• [What you are asked to do]: Which lines below contain "fill"? Copy every one of them.

──────────

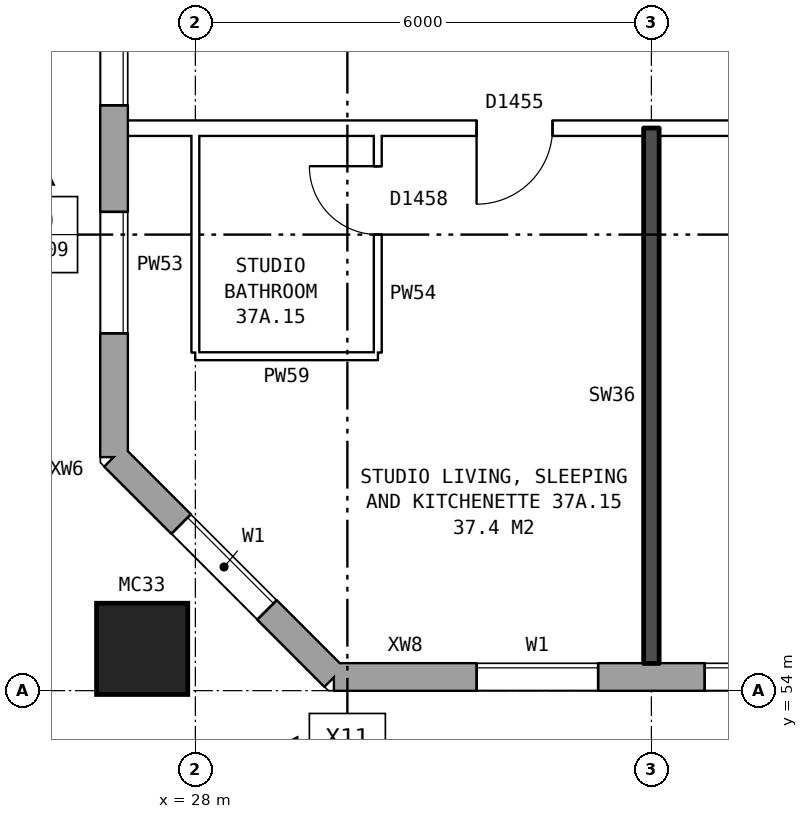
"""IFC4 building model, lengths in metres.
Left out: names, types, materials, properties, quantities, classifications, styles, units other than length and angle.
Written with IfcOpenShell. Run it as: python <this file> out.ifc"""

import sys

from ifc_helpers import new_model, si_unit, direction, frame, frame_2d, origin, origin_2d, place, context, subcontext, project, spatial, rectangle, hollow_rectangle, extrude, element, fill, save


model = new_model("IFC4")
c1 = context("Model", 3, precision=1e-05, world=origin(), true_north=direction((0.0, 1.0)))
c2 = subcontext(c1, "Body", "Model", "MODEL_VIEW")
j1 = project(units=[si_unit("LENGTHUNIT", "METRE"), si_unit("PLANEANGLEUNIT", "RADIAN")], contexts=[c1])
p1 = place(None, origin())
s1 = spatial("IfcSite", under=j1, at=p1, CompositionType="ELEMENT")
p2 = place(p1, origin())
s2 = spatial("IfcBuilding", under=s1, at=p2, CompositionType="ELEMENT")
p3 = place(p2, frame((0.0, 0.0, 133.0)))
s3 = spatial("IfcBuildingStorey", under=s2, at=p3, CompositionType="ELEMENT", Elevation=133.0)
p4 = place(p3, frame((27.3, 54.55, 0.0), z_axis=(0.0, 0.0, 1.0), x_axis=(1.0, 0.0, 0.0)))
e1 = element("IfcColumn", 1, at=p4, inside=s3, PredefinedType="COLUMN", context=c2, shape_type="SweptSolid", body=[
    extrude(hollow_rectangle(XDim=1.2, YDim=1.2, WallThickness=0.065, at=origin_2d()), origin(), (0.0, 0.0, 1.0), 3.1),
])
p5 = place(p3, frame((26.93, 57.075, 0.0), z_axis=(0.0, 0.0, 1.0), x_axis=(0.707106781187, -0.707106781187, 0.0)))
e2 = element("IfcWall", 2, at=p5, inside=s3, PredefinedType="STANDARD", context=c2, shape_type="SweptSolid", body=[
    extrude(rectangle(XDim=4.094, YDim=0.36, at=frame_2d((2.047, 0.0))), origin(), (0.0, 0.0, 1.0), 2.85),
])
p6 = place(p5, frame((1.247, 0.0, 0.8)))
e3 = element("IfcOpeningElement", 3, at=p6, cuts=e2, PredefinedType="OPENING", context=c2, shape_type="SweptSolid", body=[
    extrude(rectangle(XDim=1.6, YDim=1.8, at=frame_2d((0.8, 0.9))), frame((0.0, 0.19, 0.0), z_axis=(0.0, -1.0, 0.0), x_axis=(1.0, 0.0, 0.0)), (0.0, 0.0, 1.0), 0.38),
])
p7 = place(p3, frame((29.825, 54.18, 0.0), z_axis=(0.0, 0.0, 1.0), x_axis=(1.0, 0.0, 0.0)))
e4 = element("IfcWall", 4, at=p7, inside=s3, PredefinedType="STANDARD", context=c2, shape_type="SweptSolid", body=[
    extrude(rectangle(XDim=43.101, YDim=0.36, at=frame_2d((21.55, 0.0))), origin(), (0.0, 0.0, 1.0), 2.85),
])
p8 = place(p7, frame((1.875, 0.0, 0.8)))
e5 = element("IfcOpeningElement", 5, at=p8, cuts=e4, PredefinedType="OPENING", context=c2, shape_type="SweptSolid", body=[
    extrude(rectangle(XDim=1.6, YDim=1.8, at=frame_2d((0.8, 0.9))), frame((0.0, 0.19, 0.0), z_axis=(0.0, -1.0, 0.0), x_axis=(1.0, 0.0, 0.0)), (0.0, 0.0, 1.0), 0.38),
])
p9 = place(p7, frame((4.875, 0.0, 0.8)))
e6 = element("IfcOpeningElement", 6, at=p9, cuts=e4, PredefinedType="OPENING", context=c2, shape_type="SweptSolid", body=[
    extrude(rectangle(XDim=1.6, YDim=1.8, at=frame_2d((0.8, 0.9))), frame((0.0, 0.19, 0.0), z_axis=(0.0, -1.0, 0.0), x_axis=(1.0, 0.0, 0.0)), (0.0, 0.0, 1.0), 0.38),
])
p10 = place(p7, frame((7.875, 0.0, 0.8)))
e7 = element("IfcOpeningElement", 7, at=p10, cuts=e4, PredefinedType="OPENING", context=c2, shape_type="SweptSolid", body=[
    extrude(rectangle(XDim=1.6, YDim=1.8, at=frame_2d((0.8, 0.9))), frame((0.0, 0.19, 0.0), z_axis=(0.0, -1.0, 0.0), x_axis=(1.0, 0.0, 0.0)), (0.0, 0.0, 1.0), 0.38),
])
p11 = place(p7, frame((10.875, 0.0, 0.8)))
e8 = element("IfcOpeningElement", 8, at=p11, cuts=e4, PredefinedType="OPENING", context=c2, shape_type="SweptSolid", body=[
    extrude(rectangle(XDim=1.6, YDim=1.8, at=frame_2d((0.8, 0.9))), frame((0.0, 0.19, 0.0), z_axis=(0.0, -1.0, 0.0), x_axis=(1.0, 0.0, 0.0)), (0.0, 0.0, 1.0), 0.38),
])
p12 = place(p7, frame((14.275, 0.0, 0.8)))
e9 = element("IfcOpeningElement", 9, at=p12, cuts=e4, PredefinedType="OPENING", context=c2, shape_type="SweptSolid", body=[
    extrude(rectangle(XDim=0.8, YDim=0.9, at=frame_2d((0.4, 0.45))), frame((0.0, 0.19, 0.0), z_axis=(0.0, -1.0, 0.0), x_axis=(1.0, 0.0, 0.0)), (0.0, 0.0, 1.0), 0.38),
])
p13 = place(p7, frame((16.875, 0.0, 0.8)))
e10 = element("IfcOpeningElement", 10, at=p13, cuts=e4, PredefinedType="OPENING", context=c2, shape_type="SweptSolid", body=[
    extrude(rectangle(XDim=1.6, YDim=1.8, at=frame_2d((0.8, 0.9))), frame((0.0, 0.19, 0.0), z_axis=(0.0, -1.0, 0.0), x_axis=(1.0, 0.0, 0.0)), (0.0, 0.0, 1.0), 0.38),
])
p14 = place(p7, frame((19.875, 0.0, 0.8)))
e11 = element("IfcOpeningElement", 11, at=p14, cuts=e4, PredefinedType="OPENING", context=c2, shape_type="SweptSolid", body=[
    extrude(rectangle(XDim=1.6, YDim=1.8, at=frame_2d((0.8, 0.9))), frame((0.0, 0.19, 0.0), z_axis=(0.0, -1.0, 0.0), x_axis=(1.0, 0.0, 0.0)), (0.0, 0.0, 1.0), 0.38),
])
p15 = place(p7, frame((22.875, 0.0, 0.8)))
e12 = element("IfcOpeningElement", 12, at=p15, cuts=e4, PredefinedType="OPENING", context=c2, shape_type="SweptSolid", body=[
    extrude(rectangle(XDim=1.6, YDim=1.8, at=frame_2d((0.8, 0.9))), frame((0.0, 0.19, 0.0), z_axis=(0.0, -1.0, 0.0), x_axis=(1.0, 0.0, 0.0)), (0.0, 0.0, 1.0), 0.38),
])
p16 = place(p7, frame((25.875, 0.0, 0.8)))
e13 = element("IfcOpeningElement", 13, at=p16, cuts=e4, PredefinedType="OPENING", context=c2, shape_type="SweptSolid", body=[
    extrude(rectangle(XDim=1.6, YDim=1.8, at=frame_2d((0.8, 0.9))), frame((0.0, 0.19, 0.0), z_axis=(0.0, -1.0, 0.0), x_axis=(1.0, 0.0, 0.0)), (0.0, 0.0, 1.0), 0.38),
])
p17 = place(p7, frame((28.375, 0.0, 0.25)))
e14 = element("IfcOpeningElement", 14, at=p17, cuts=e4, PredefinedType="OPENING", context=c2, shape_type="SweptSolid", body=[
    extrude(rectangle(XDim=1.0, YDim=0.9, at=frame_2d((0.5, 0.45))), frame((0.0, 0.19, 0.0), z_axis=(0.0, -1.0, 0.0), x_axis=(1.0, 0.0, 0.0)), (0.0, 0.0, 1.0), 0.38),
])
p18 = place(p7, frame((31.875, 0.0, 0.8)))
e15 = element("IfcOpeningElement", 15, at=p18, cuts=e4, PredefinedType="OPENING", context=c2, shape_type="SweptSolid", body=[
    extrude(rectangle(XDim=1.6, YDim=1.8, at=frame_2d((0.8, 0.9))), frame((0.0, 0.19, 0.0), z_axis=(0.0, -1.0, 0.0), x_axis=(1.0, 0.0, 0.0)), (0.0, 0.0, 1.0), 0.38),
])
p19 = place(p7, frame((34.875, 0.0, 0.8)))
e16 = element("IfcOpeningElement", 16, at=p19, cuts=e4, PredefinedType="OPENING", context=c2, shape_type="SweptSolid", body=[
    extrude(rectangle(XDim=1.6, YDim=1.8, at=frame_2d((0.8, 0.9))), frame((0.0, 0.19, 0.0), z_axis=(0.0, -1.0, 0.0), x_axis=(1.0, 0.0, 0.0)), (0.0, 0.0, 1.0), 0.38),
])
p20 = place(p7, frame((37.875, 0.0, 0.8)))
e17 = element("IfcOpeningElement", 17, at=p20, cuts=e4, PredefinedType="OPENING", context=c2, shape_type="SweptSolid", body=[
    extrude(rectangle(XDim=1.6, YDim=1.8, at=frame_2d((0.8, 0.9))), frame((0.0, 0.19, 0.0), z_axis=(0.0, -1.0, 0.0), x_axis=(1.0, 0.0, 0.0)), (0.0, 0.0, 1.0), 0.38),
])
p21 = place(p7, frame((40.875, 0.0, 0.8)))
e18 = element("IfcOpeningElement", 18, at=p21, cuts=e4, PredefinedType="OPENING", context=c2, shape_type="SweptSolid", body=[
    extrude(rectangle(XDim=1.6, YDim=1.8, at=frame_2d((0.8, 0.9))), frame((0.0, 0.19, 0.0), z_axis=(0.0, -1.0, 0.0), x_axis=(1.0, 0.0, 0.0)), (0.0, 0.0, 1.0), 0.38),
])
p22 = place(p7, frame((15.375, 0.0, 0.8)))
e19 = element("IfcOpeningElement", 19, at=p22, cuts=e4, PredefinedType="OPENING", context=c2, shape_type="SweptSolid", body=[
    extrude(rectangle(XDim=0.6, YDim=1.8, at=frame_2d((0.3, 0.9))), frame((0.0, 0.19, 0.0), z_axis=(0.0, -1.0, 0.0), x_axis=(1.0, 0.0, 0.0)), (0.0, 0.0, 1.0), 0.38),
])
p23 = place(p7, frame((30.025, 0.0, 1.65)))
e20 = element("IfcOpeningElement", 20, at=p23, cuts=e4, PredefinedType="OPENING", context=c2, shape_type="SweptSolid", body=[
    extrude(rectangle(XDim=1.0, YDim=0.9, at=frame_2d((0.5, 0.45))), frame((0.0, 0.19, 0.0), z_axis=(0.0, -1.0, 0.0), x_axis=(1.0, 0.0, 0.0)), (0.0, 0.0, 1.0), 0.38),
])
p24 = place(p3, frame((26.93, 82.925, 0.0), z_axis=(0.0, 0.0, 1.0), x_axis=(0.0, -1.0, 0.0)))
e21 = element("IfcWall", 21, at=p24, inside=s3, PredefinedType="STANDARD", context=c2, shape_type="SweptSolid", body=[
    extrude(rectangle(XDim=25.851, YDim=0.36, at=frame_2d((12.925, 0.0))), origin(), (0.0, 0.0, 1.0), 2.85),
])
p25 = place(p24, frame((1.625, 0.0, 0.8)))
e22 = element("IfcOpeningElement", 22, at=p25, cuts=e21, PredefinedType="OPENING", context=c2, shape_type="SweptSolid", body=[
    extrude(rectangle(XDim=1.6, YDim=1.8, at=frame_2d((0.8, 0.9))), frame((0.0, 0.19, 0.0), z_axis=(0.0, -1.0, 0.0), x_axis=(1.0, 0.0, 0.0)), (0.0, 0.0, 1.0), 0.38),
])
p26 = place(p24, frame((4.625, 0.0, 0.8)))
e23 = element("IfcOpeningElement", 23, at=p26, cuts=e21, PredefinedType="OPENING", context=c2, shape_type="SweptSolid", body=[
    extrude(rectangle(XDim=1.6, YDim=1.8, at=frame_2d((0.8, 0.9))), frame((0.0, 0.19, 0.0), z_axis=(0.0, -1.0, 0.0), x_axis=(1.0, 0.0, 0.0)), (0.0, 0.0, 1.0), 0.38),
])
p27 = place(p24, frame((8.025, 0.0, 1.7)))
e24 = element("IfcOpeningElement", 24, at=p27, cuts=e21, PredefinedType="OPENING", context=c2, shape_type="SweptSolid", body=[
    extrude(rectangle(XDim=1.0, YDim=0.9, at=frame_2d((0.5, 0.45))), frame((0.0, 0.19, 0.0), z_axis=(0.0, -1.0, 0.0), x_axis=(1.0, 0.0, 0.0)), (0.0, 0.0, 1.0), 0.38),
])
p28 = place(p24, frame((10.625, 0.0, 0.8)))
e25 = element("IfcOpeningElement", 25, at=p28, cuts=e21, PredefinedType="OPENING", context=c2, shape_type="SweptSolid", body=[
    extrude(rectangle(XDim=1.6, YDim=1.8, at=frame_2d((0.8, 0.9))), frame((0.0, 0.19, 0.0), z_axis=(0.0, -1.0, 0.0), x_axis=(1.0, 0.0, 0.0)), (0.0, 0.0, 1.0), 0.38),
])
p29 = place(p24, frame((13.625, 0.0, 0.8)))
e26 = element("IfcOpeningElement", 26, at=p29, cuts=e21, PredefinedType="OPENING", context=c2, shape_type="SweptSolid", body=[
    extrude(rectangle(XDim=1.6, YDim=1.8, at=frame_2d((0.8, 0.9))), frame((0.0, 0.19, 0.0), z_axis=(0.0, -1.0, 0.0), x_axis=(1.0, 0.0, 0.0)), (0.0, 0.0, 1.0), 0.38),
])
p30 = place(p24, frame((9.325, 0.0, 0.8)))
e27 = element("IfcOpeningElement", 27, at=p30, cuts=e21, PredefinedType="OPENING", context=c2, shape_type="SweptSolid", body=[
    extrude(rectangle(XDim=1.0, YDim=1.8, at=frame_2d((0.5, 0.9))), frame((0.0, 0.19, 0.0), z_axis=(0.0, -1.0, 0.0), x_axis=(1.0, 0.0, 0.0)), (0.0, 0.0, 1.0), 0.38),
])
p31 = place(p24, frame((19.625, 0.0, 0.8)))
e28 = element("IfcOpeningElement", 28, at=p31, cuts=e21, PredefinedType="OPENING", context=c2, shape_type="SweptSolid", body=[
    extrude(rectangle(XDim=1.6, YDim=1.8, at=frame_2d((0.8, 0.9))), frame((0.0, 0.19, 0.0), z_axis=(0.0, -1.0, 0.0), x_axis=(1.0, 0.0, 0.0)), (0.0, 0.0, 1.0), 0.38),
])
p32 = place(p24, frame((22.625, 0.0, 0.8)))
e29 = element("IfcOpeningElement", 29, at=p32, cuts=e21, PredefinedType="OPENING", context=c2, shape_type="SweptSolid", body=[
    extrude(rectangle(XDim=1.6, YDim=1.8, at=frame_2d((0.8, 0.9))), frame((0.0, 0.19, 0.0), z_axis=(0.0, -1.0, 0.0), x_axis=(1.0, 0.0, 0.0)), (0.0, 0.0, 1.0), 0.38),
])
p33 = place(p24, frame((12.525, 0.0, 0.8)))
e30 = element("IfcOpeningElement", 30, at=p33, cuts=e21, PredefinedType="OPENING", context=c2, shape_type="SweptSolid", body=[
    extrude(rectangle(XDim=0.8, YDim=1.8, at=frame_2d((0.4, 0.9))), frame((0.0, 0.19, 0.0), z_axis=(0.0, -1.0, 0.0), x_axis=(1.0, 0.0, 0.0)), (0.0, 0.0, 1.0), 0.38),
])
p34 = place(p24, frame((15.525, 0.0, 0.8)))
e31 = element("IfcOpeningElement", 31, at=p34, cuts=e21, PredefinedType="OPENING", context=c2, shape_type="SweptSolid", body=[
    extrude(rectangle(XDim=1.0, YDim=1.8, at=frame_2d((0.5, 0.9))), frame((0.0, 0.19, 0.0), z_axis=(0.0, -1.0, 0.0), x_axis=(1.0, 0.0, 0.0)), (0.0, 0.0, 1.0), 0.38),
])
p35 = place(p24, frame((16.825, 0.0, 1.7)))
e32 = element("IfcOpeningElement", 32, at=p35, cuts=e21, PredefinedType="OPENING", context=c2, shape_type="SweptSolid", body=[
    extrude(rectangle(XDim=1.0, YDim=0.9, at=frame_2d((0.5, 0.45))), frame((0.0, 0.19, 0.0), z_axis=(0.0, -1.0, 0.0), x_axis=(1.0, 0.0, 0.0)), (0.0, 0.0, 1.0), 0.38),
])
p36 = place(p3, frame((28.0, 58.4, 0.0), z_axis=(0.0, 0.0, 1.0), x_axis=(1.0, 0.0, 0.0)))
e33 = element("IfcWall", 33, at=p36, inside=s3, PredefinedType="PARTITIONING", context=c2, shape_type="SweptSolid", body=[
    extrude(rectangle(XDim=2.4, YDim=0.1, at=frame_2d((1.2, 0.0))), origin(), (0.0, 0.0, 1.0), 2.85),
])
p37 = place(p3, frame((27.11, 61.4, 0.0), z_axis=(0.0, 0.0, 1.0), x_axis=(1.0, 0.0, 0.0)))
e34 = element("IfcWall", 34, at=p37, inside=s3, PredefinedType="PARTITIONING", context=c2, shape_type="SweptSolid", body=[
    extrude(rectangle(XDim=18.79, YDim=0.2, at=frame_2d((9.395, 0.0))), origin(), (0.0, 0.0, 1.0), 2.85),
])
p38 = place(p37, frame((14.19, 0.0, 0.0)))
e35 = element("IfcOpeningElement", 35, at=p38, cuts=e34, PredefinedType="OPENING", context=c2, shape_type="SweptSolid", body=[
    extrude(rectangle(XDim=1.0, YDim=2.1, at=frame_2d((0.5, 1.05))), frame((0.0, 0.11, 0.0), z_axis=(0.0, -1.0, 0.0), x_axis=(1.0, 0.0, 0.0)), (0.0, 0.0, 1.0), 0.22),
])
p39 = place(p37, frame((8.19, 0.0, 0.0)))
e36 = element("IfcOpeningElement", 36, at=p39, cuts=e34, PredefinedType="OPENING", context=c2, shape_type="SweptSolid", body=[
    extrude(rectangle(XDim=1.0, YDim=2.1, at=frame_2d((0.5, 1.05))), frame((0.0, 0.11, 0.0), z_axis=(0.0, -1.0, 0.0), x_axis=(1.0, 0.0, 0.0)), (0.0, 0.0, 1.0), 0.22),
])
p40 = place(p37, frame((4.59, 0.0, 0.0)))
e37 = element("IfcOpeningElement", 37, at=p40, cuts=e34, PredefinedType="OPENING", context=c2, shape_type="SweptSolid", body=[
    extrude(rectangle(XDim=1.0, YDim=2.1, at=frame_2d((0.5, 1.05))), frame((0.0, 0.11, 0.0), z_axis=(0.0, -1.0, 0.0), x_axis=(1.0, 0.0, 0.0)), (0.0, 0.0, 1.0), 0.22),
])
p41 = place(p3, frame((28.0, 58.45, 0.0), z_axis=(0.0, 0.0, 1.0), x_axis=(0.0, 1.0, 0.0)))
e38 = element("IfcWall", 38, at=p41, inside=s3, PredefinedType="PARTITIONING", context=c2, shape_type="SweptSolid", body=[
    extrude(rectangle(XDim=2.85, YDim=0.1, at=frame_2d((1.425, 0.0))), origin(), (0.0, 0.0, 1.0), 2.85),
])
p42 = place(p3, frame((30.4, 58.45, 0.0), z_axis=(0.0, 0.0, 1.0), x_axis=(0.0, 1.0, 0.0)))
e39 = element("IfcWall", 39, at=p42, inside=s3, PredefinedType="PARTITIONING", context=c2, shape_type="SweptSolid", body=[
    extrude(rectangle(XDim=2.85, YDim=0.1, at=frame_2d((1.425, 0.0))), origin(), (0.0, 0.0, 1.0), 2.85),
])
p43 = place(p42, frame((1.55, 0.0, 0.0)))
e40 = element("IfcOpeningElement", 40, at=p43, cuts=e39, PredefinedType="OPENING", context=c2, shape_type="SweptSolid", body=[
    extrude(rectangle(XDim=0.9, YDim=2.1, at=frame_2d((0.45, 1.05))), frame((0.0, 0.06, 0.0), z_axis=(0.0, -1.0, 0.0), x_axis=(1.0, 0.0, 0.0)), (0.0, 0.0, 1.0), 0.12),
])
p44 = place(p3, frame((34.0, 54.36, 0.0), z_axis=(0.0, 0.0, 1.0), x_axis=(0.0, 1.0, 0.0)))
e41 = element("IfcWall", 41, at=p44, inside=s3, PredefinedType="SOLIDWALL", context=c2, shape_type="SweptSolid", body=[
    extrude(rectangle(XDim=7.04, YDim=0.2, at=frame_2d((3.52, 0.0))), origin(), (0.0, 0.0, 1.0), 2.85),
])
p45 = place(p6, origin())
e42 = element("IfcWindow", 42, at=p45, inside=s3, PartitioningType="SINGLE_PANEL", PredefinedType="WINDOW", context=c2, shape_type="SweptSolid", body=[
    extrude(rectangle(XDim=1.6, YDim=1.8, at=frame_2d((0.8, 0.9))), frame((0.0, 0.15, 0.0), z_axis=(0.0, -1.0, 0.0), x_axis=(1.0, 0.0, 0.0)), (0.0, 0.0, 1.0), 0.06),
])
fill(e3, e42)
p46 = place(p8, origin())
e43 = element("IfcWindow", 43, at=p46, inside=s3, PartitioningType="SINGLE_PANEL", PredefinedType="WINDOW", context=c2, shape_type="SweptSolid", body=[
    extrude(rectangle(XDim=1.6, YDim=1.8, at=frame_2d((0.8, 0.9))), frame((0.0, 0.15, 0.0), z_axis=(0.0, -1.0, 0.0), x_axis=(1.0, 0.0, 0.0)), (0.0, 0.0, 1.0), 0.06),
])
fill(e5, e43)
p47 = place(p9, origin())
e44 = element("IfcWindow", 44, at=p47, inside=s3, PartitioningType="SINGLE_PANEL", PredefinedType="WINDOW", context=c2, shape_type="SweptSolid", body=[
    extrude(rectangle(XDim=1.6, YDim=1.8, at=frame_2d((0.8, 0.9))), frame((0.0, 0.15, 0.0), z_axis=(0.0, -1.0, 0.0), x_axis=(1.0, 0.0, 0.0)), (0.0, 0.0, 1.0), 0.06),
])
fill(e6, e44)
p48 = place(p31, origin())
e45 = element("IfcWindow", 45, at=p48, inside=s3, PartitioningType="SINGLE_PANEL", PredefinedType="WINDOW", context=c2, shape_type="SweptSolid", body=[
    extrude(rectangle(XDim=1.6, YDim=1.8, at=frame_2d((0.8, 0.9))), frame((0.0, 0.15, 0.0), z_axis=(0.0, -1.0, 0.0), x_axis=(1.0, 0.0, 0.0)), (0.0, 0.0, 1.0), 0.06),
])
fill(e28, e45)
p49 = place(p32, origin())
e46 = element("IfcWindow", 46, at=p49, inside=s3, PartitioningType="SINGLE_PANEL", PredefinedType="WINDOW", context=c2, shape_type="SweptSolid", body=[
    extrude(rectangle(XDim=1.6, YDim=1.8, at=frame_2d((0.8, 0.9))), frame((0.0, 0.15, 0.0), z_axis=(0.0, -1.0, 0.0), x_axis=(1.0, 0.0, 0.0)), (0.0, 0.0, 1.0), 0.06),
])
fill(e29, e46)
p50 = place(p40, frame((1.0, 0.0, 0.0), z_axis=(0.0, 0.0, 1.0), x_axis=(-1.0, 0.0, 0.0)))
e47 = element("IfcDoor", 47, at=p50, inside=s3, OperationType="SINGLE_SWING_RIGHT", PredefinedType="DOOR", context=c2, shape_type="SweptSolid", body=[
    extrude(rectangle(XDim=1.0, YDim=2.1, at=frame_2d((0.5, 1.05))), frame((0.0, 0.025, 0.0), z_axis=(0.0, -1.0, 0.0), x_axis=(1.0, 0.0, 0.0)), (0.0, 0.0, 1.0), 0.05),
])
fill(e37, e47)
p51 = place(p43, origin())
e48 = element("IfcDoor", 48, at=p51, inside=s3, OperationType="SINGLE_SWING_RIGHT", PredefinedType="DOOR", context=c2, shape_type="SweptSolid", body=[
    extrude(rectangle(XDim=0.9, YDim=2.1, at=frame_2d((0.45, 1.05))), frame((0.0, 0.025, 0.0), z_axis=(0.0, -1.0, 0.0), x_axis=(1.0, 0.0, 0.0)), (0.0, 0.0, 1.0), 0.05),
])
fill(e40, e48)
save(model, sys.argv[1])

──────────

• [Completed task]:
from ifc_helpers import new_model, si_unit, direction, frame, frame_2d, origin, origin_2d, place, context, subcontext, project, spatial, rectangle, hollow_rectangle, extrude, element, fill, save
fill(e3, e42)
fill(e5, e43)
fill(e6, e44)
fill(e28, e45)
fill(e29, e46)
fill(e37, e47)
fill(e40, e48)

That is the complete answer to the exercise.